▶ Exercise
The line containing "Board file: MISC51975.pcbdoc" marks the end; return exactly every line from the start of the records up to and including it, but no pictures.

▶ Data listing
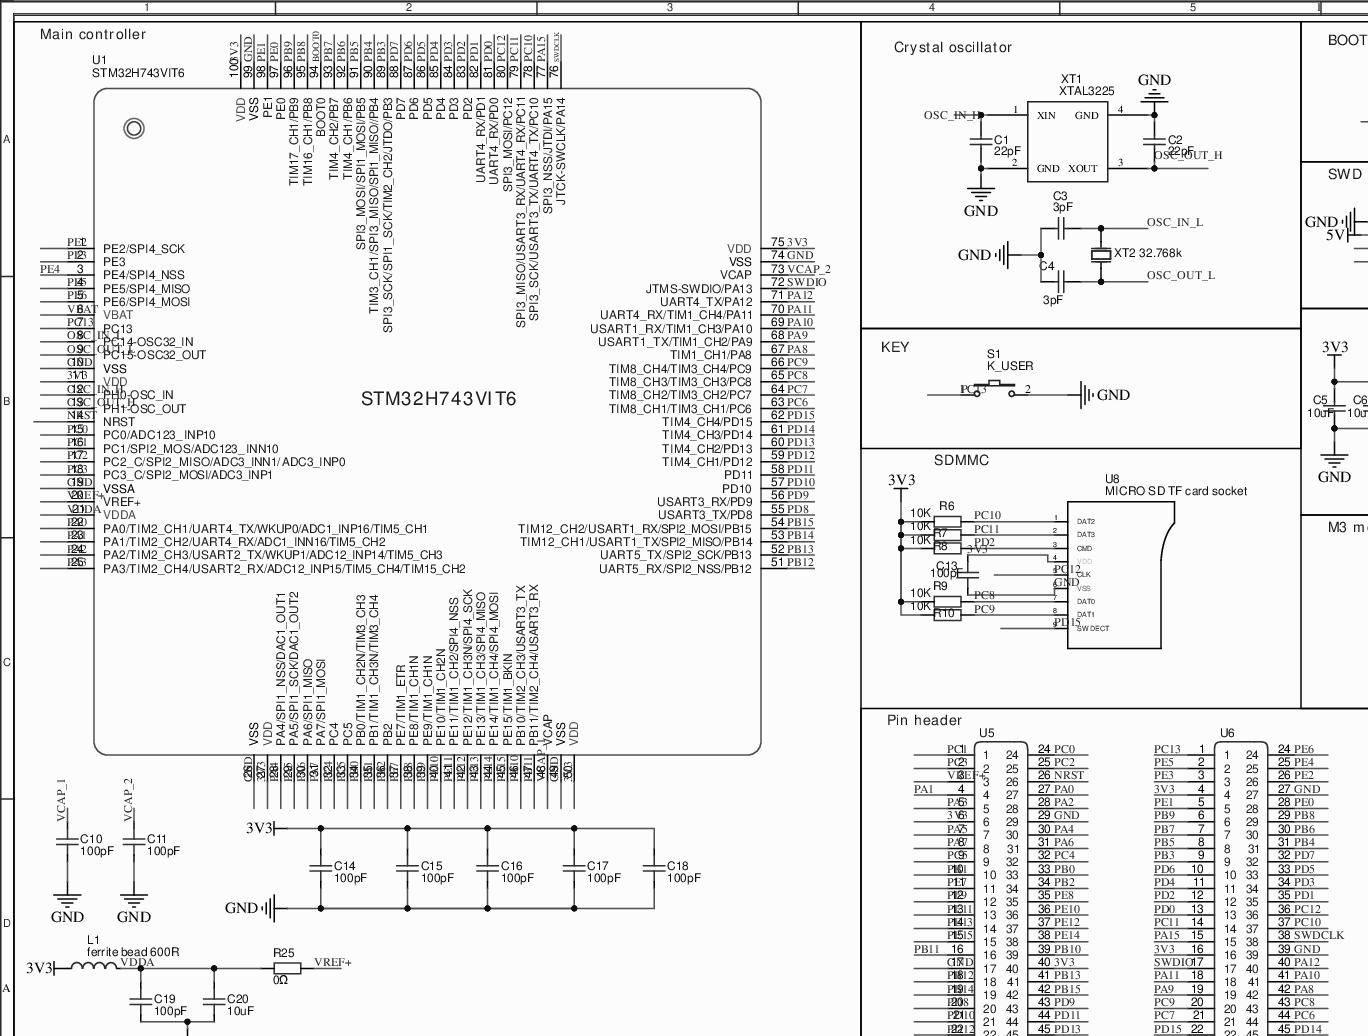
[diagram p0: MISC51975-3.schdoc, top left]
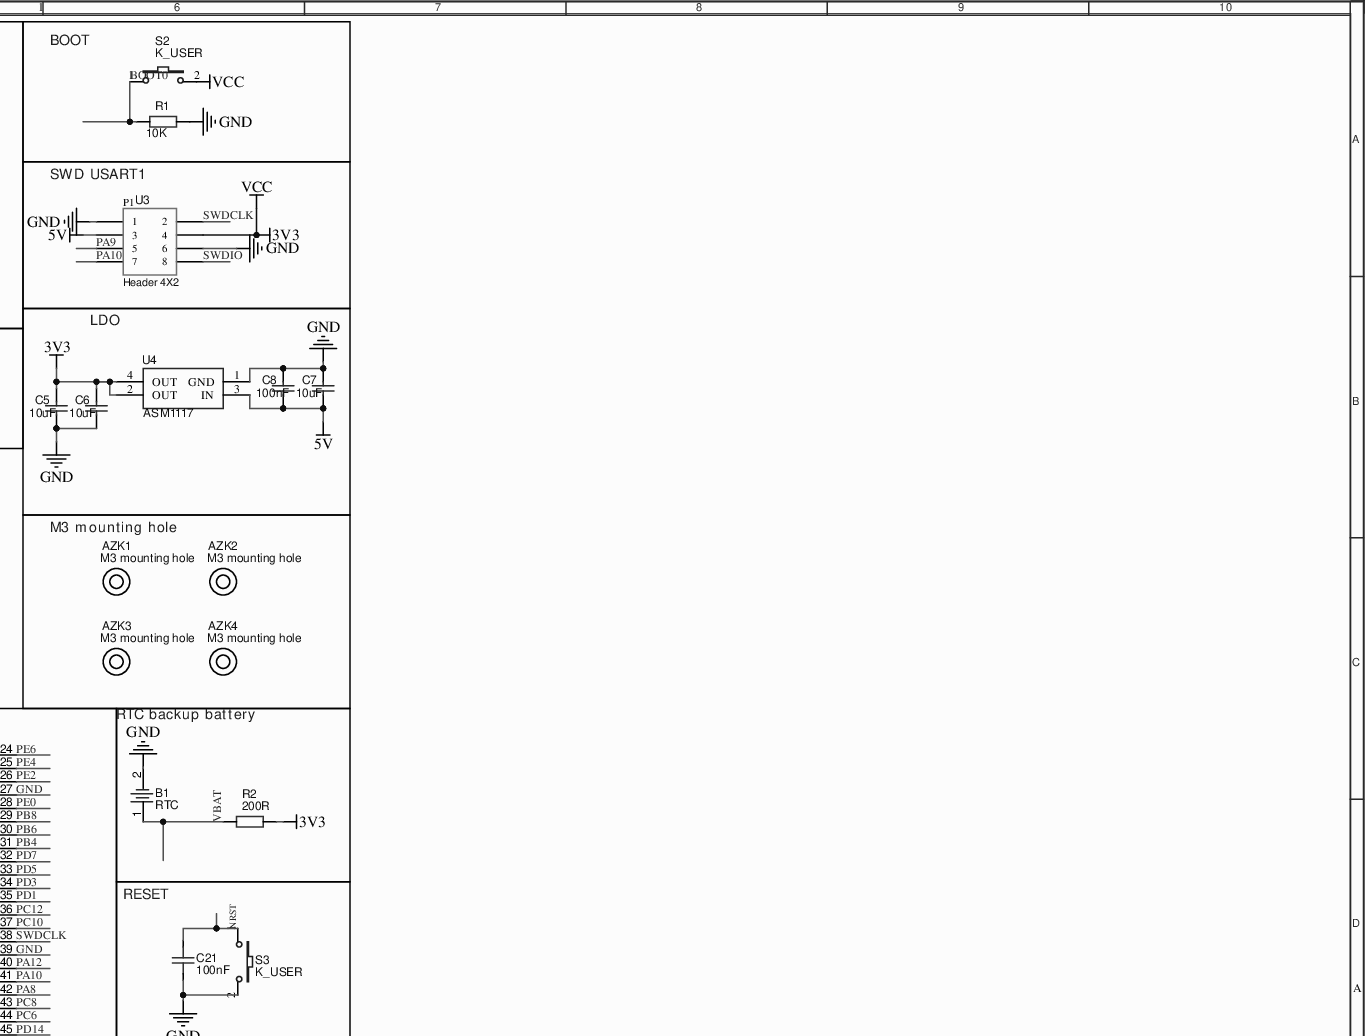
[diagram p1: MISC51975-3.schdoc, top right]
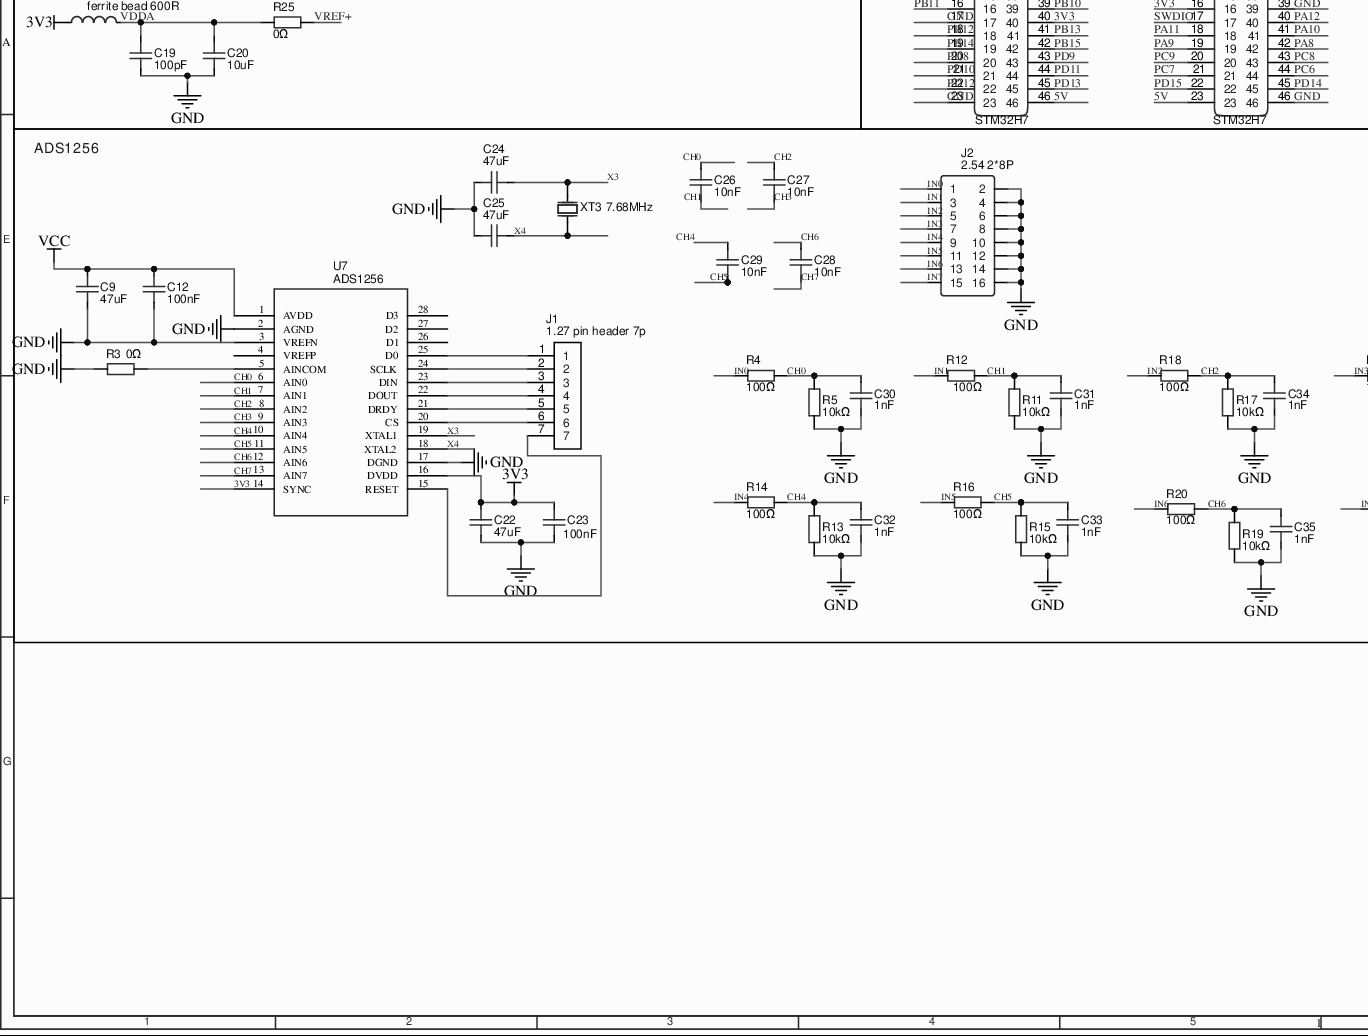
[diagram p2: MISC51975-3.schdoc, bottom left]
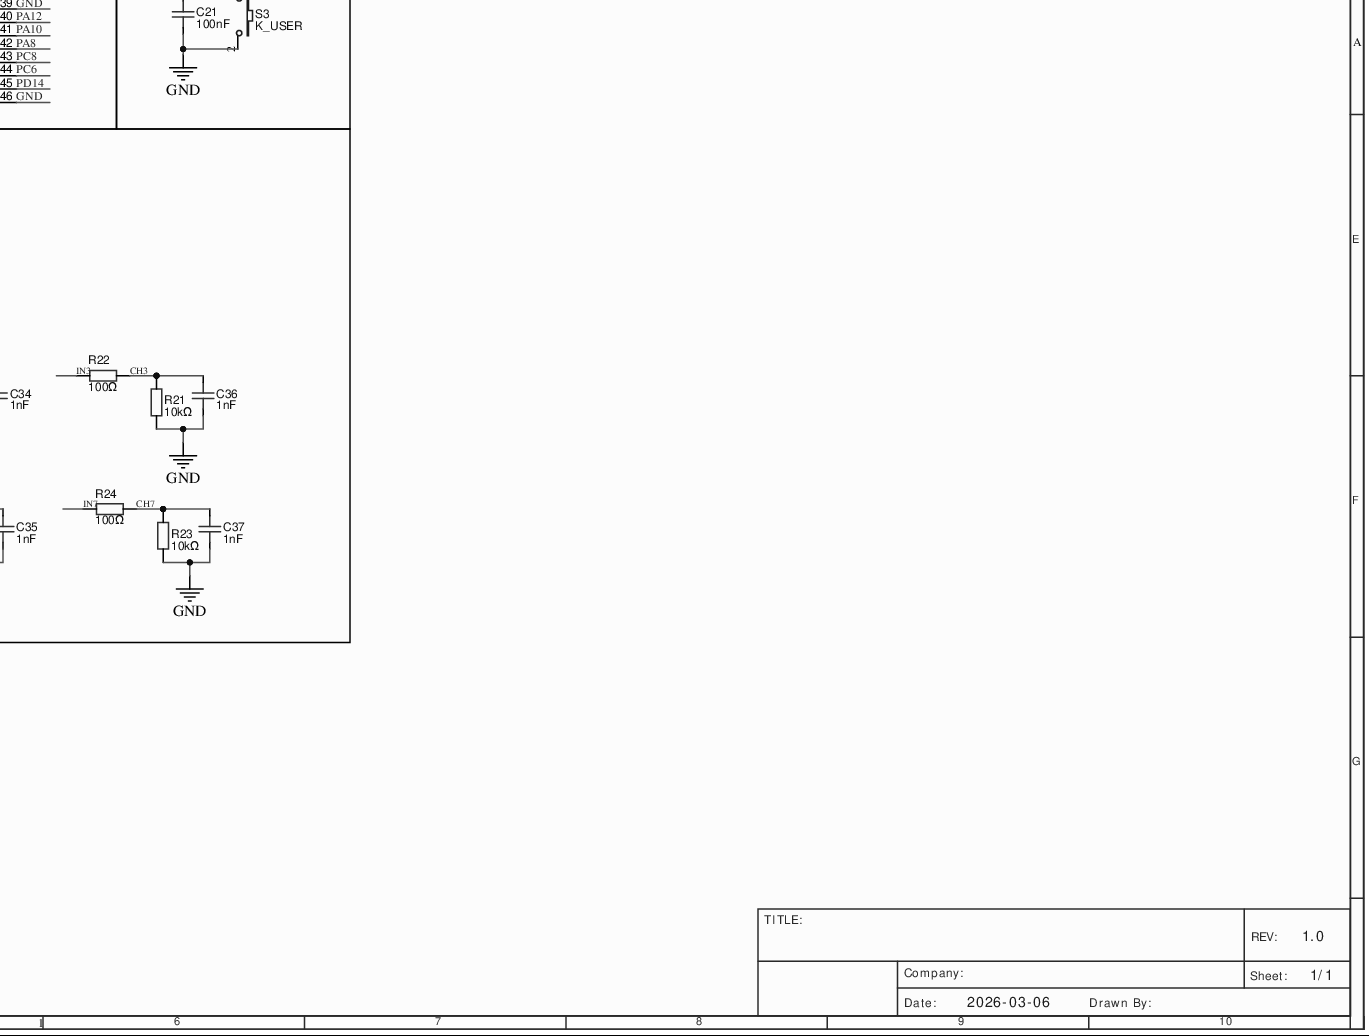
[diagram p3: MISC51975-3.schdoc, bottom right]
# Altium project MISC51975-2.PrjPcb
1 sheet, 83 parts. Net scope: global (net labels, ports and power ports of the same name join across sheets).
Board file: MISC51975.pcbdoc

## Sheet MISC51975-3.schdoc
size 503 x 376 mm; Name: MISC51975; @Project Name: MISC51975; REV: 1.0; Date: 2026-03-06; Sheet: 1/1; Manufacturer Part: ?

### Parts
AZK1  M3 mounting hole  [M3安装孔(非金属化)]
AZK2  M3 mounting hole  [M3安装孔(非金属化)]
AZK3  M3 mounting hole  [M3安装孔(非金属化)]
AZK4  M3 mounting hole  [M3安装孔(非金属化)]
B1  RTC  [焊盘引出RTC]
C1  22pF  [C0402]
C2  22pF  [C0402]
C3  3pF  [C0402]
C4  3pF  [C0402]
C5  10uF  [C0402]
C6  10uF  [C0402]
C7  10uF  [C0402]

▶ Solved exercise
[diagram p0: MISC51975-3.schdoc, top left]
[diagram p1: MISC51975-3.schdoc, top right]
[diagram p2: MISC51975-3.schdoc, bottom left]
[diagram p3: MISC51975-3.schdoc, bottom right]
# Altium project MISC51975-2.PrjPcb
1 sheet, 83 parts. Net scope: global (net labels, ports and power ports of the same name join across sheets).
Board file: MISC51975.pcbdoc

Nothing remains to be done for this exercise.